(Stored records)
┌────────
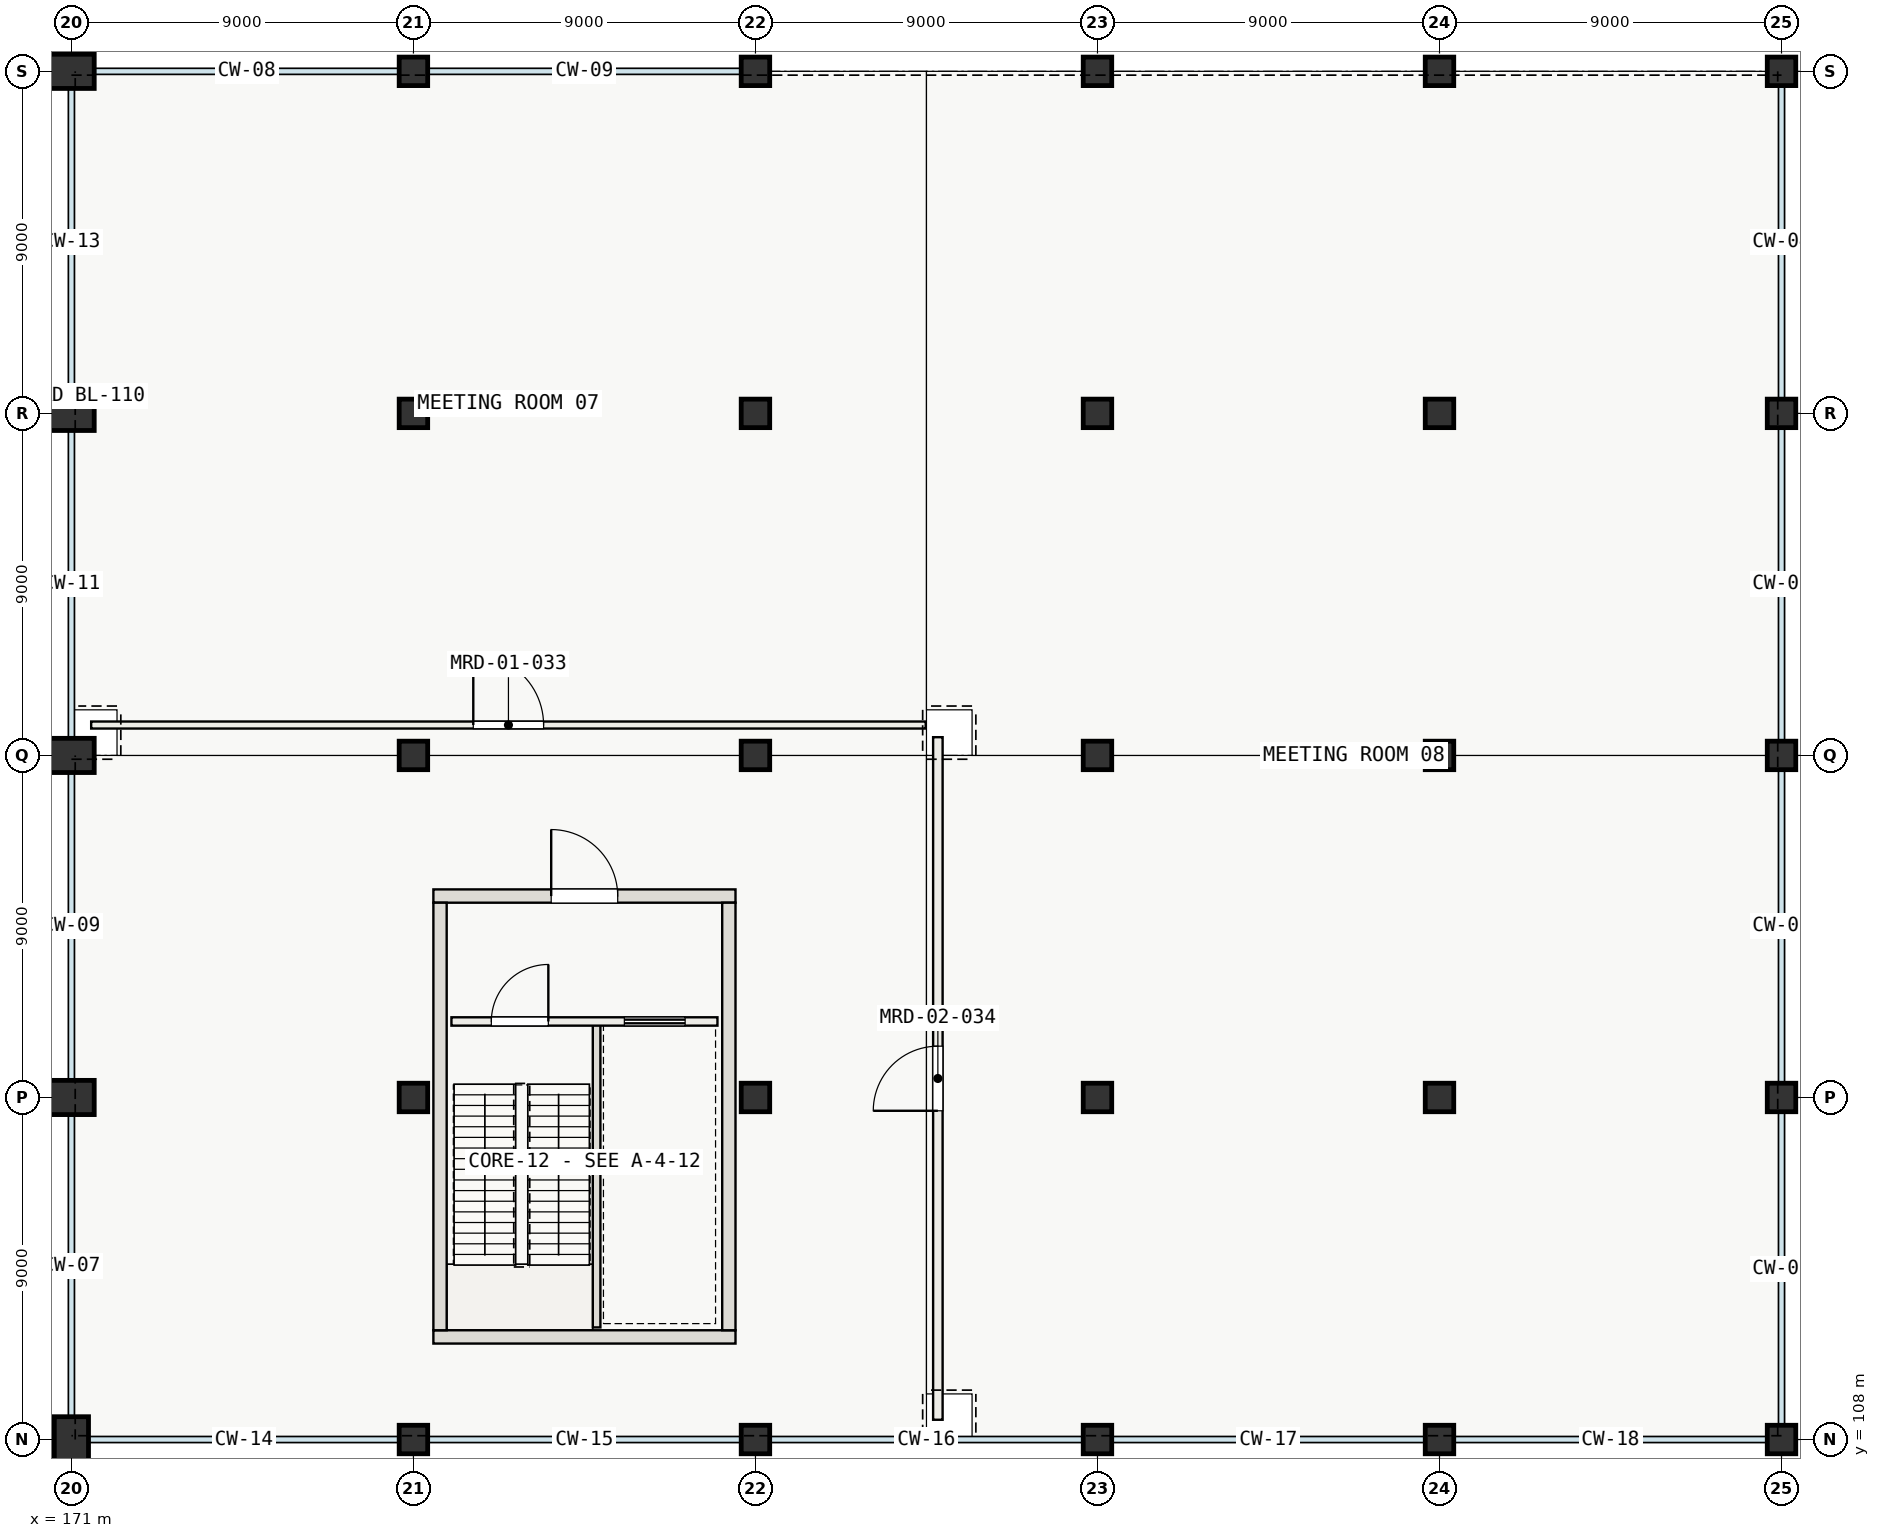
"""IFC4 building model, lengths in metres.
Left out: names, types, materials, properties, quantities, classifications, styles, units other than length and angle.
Written with IfcOpenShell. Run it as: python <this file> out.ifc"""

import sys

from ifc_helpers import new_model, si_unit, direction, frame, frame_2d, origin, origin_2d, place, context, subcontext, project, spatial, rectangle, extrude, element, fill, save


model = new_model("IFC4")
c1 = context("Model", 3, precision=1e-05, world=origin(), true_north=direction((0.0, 1.0)))
c2 = subcontext(c1, "Body", "Model", "MODEL_VIEW")
j1 = project(units=[si_unit("LENGTHUNIT", "METRE"), si_unit("PLANEANGLEUNIT", "RADIAN")], contexts=[c1])
p1 = place(None, origin())
s1 = spatial("IfcSite", under=j1, at=p1, CompositionType="ELEMENT")
p2 = place(p1, origin())
s2 = spatial("IfcBuilding", under=s1, at=p2, CompositionType="ELEMENT")
p3 = place(p2, frame((0.0, 0.0, 6.0)))
s3 = spatial("IfcBuildingStorey", under=s2, at=p3, CompositionType="ELEMENT", Elevation=6.0)
p4 = place(p3, frame((180.525, 110.7, 0.0), z_axis=(0.0, 0.0, 1.0), x_axis=(1.0, 0.0, 0.0)))
e1 = element("IfcWall", 1, at=p4, inside=s3, PredefinedType="SHEAR", context=c2, shape_type="SweptSolid", body=[
    extrude(rectangle(XDim=7.95, YDim=0.35, at=frame_2d((3.975, 0.0))), origin(), (0.0, 0.0, 1.0), 6.0),
])
p5 = place(p3, frame((180.525, 122.3, 0.0), z_axis=(0.0, 0.0, 1.0), x_axis=(1.0, 0.0, 0.0)))
e2 = element("IfcWall", 2, at=p5, inside=s3, PredefinedType="SHEAR", context=c2, shape_type="SweptSolid", body=[
    extrude(rectangle(XDim=7.95, YDim=0.35, at=frame_2d((3.975, 0.0))), origin(), (0.0, 0.0, 1.0), 6.0),
])
p6 = place(p5, frame((3.1, 0.0, 0.0)))
e3 = element("IfcOpeningElement", 3, at=p6, cuts=e2, PredefinedType="OPENING", context=c2, shape_type="SweptSolid", body=[
    extrude(rectangle(XDim=1.75, YDim=2.3, at=frame_2d((0.875, 1.15))), frame((0.0, 0.185, 0.0), z_axis=(0.0, -1.0, 0.0), x_axis=(1.0, 0.0, 0.0)), (0.0, 0.0, 1.0), 0.37),
])
for number, where, z_axis, x_axis in (
    (4, (180.7, 110.875, 0.0), (0.0, 0.0, 1.0), (0.0, 1.0, 0.0)),
    (5, (188.3, 110.875, 0.0), (0.0, 0.0, 1.0), (0.0, 1.0, 0.0)),
):
    element("IfcWall", number, at=place(p3, frame(where, z_axis=z_axis, x_axis=x_axis)), inside=s3, PredefinedType="SHEAR", context=c2, shape_type="SweptSolid", body=[
        extrude(rectangle(XDim=11.25, YDim=0.35, at=frame_2d((5.625, 0.0))), origin(), (0.0, 0.0, 1.0), 6.0),
    ])
for number, where, z_axis, x_axis in (
    (6, (171.0, 108.0, 0.0), (0.0, 0.0, 1.0), (0.0, 1.0, 0.0)),
    (7, (171.0, 117.0, 0.0), (0.0, 0.0, 1.0), (1.0, 0.0, 0.0)),
    (8, (171.0, 126.0, 0.0), (0.0, 0.0, 1.0), (1.0, 0.0, 0.0)),
    (9, (171.0, 135.0, 0.0), (0.0, 0.0, 1.0), (1.0, 0.0, 0.0)),
    (10, (171.0, 144.0, 0.0), (0.0, 0.0, 1.0), (1.0, 0.0, 0.0)),
):
    element("IfcColumn", number, at=place(p3, frame(where, z_axis=z_axis, x_axis=x_axis)), inside=s3, PredefinedType="COLUMN", context=c2, shape_type="SweptSolid", body=[
        extrude(rectangle(XDim=1.2, YDim=0.9, at=origin_2d()), origin(), (0.0, 0.0, 1.0), 6.0),
    ])
for number, where, z_axis, x_axis in (
    (11, (180.0, 108.0, 0.0), (0.0, 0.0, 1.0), (1.0, 0.0, 0.0)),
    (12, (180.0, 117.0, 0.0), (0.0, 0.0, 1.0), (1.0, 0.0, 0.0)),
    (13, (180.0, 126.0, 0.0), (0.0, 0.0, 1.0), (1.0, 0.0, 0.0)),
    (14, (180.0, 135.0, 0.0), (0.0, 0.0, 1.0), (1.0, 0.0, 0.0)),
    (15, (180.0, 144.0, 0.0), (0.0, 0.0, 1.0), (1.0, 0.0, 0.0)),
    (16, (189.0, 108.0, 0.0), (0.0, 0.0, 1.0), (1.0, 0.0, 0.0)),
    (17, (189.0, 117.0, 0.0), (0.0, 0.0, 1.0), (1.0, 0.0, 0.0)),
    (18, (189.0, 126.0, 0.0), (0.0, 0.0, 1.0), (1.0, 0.0, 0.0)),
    (19, (189.0, 135.0, 0.0), (0.0, 0.0, 1.0), (1.0, 0.0, 0.0)),
    (20, (189.0, 144.0, 0.0), (0.0, 0.0, 1.0), (1.0, 0.0, 0.0)),
    (21, (198.0, 108.0, 0.0), (0.0, 0.0, 1.0), (1.0, 0.0, 0.0)),
    (22, (198.0, 117.0, 0.0), (0.0, 0.0, 1.0), (1.0, 0.0, 0.0)),
    (23, (198.0, 126.0, 0.0), (0.0, 0.0, 1.0), (1.0, 0.0, 0.0)),
    (24, (198.0, 135.0, 0.0), (0.0, 0.0, 1.0), (1.0, 0.0, 0.0)),
    (25, (198.0, 144.0, 0.0), (0.0, 0.0, 1.0), (1.0, 0.0, 0.0)),
    (26, (207.0, 108.0, 0.0), (0.0, 0.0, 1.0), (1.0, 0.0, 0.0)),
    (27, (207.0, 117.0, 0.0), (0.0, 0.0, 1.0), (1.0, 0.0, 0.0)),
    (28, (207.0, 126.0, 0.0), (0.0, 0.0, 1.0), (1.0, 0.0, 0.0)),
    (29, (207.0, 135.0, 0.0), (0.0, 0.0, 1.0), (1.0, 0.0, 0.0)),
    (30, (207.0, 144.0, 0.0), (0.0, 0.0, 1.0), (1.0, 0.0, 0.0)),
    (31, (216.0, 108.0, 0.0), (0.0, 0.0, 1.0), (1.0, 0.0, 0.0)),
    (32, (216.0, 117.0, 0.0), (0.0, 0.0, 1.0), (1.0, 0.0, 0.0)),
    (33, (216.0, 126.0, 0.0), (0.0, 0.0, 1.0), (1.0, 0.0, 0.0)),
    (34, (216.0, 135.0, 0.0), (0.0, 0.0, 1.0), (1.0, 0.0, 0.0)),
    (35, (216.0, 144.0, 0.0), (0.0, 0.0, 1.0), (1.0, 0.0, 0.0)),
):
    element("IfcColumn", number, at=place(p3, frame(where, z_axis=z_axis, x_axis=x_axis)), inside=s3, PredefinedType="COLUMN", context=c2, shape_type="SweptSolid", body=[
        extrude(rectangle(XDim=0.75, YDim=0.75, at=origin_2d()), origin(), (0.0, 0.0, 1.0), 6.0),
    ])
p7 = place(p3, frame((184.82, 110.95, 0.0), z_axis=(0.0, 0.0, 1.0), x_axis=(0.0, 1.0, 0.0)))
e36 = element("IfcWall", 36, at=p7, inside=s3, PredefinedType="SOLIDWALL", context=c2, shape_type="SweptSolid", body=[
    extrude(rectangle(XDim=8.0, YDim=0.2, at=frame_2d((4.0, 0.0))), origin(), (0.0, 0.0, 1.0), 6.0),
])
p8 = place(p3, frame((181.0, 119.0, 0.0), z_axis=(0.0, 0.0, 1.0), x_axis=(1.0, 0.0, 0.0)))
e37 = element("IfcWall", 37, at=p8, inside=s3, PredefinedType="SOLIDWALL", context=c2, shape_type="SweptSolid", body=[
    extrude(rectangle(XDim=7.0, YDim=0.22, at=frame_2d((3.5, 0.0))), origin(), (0.0, 0.0, 1.0), 5.62),
])
p9 = place(p8, frame((1.05, 0.0, 0.0)))
e38 = element("IfcOpeningElement", 38, at=p9, cuts=e37, PredefinedType="OPENING", context=c2, shape_type="SweptSolid", body=[
    extrude(rectangle(XDim=1.5, YDim=2.2, at=frame_2d((0.75, 1.1))), frame((0.0, 0.12, 0.0), z_axis=(0.0, -1.0, 0.0), x_axis=(1.0, 0.0, 0.0)), (0.0, 0.0, 1.0), 0.24),
])
p10 = place(p8, frame((4.55, 0.0, 0.0)))
e39 = element("IfcOpeningElement", 39, at=p10, cuts=e37, PredefinedType="OPENING", context=c2, shape_type="SweptSolid", body=[
    extrude(rectangle(XDim=1.6, YDim=2.3, at=frame_2d((0.8, 1.15))), frame((0.0, 0.12, 0.0), z_axis=(0.0, -1.0, 0.0), x_axis=(1.0, 0.0, 0.0)), (0.0, 0.0, 1.0), 0.24),
])
p11 = place(p3, frame((171.52, 126.8, 0.0), z_axis=(0.0, 0.0, 1.0), x_axis=(1.0, 0.0, 0.0)))
e40 = element("IfcWall", 40, at=p11, inside=s3, PredefinedType="PARTITIONING", context=c2, shape_type="SweptSolid", body=[
    extrude(rectangle(XDim=21.96, YDim=0.185, at=frame_2d((10.98, 0.0))), origin(), (0.0, 0.0, 1.0), 4.64),
])
p12 = place(p11, frame((10.055, 0.0, 0.0)))
e41 = element("IfcOpeningElement", 41, at=p12, cuts=e40, PredefinedType="OPENING", context=c2, shape_type="SweptSolid", body=[
    extrude(rectangle(XDim=1.85, YDim=2.3, at=frame_2d((0.925, 1.15))), frame((0.0, 0.103, 0.0), z_axis=(0.0, -1.0, 0.0), x_axis=(1.0, 0.0, 0.0)), (0.0, 0.0, 1.0), 0.205),
])
p13 = place(p3, frame((193.8, 108.52, 0.0), z_axis=(0.0, 0.0, 1.0), x_axis=(0.0, 1.0, 0.0)))
e42 = element("IfcWall", 42, at=p13, inside=s3, PredefinedType="PARTITIONING", context=c2, shape_type="SweptSolid", body=[
    extrude(rectangle(XDim=17.96, YDim=0.25, at=frame_2d((8.98, 0.0))), origin(), (0.0, 0.0, 1.0), 4.64),
])
p14 = place(p13, frame((8.13, 0.0, 0.0)))
e43 = element("IfcOpeningElement", 43, at=p14, cuts=e42, PredefinedType="OPENING", context=c2, shape_type="SweptSolid", body=[
    extrude(rectangle(XDim=1.7, YDim=2.25, at=frame_2d((0.85, 1.125))), frame((0.0, 0.135, 0.0), z_axis=(0.0, -1.0, 0.0), x_axis=(1.0, 0.0, 0.0)), (0.0, 0.0, 1.0), 0.27),
])
p15 = place(p9, origin())
e44 = element("IfcDoor", 44, at=p15, inside=s3, OperationType="SINGLE_SWING_RIGHT", PredefinedType="DOOR", context=c2, shape_type="SweptSolid", body=[
    extrude(rectangle(XDim=1.5, YDim=2.2, at=frame_2d((0.75, 1.1))), frame((0.0, 0.025, 0.0), z_axis=(0.0, -1.0, 0.0), x_axis=(1.0, 0.0, 0.0)), (0.0, 0.0, 1.0), 0.05),
])
fill(e38, e44)
p16 = place(p10, origin())
e45 = element("IfcDoor", 45, at=p16, inside=s3, OperationType="SLIDING_TO_RIGHT", PredefinedType="DOOR", context=c2, shape_type="SweptSolid", body=[
    extrude(rectangle(XDim=1.6, YDim=2.3, at=frame_2d((0.8, 1.15))), frame((0.0, 0.025, 0.0), z_axis=(0.0, -1.0, 0.0), x_axis=(1.0, 0.0, 0.0)), (0.0, 0.0, 1.0), 0.05),
])
fill(e39, e45)
p17 = place(p6, origin())
e46 = element("IfcDoor", 46, at=p17, inside=s3, OperationType="DOUBLE_DOOR_SINGLE_SWING", PredefinedType="DOOR", context=c2, shape_type="SweptSolid", body=[
    extrude(rectangle(XDim=1.75, YDim=2.3, at=frame_2d((0.875, 1.15))), frame((0.0, 0.025, 0.0), z_axis=(0.0, -1.0, 0.0), x_axis=(1.0, 0.0, 0.0)), (0.0, 0.0, 1.0), 0.05),
])
fill(e3, e46)
p18 = place(p12, origin())
e47 = element("IfcDoor", 47, at=p18, inside=s3, OperationType="DOUBLE_DOOR_SINGLE_SWING", PredefinedType="DOOR", context=c2, shape_type="SweptSolid", body=[
    extrude(rectangle(XDim=1.85, YDim=2.3, at=frame_2d((0.925, 1.15))), frame((0.0, 0.025, 0.0), z_axis=(0.0, -1.0, 0.0), x_axis=(1.0, 0.0, 0.0)), (0.0, 0.0, 1.0), 0.05),
])
fill(e41, e47)
p19 = place(p14, origin())
e48 = element("IfcDoor", 48, at=p19, inside=s3, OperationType="DOUBLE_DOOR_SINGLE_SWING", PredefinedType="DOOR", context=c2, shape_type="SweptSolid", body=[
    extrude(rectangle(XDim=1.7, YDim=2.25, at=frame_2d((0.85, 1.125))), frame((0.0, 0.025, 0.0), z_axis=(0.0, -1.0, 0.0), x_axis=(1.0, 0.0, 0.0)), (0.0, 0.0, 1.0), 0.05),
])
fill(e43, e48)
save(model, sys.argv[1])
└────────
* _Exercise goal_
Restate, word for word, the final stretch of the entries above: the line containing "p19 = place(p14, origin())" and every line after it, up to and including the last.

* _Expected answer_
p19 = place(p14, origin())
e48 = element("IfcDoor", 48, at=p19, inside=s3, OperationType="DOUBLE_DOOR_SINGLE_SWING", PredefinedType="DOOR", context=c2, shape_type="SweptSolid", body=[
    extrude(rectangle(XDim=1.7, YDim=2.25, at=frame_2d((0.85, 1.125))), frame((0.0, 0.025, 0.0), z_axis=(0.0, -1.0, 0.0), x_axis=(1.0, 0.0, 0.0)), (0.0, 0.0, 1.0), 0.05),
])
fill(e43, e48)
save(model, sys.argv[1])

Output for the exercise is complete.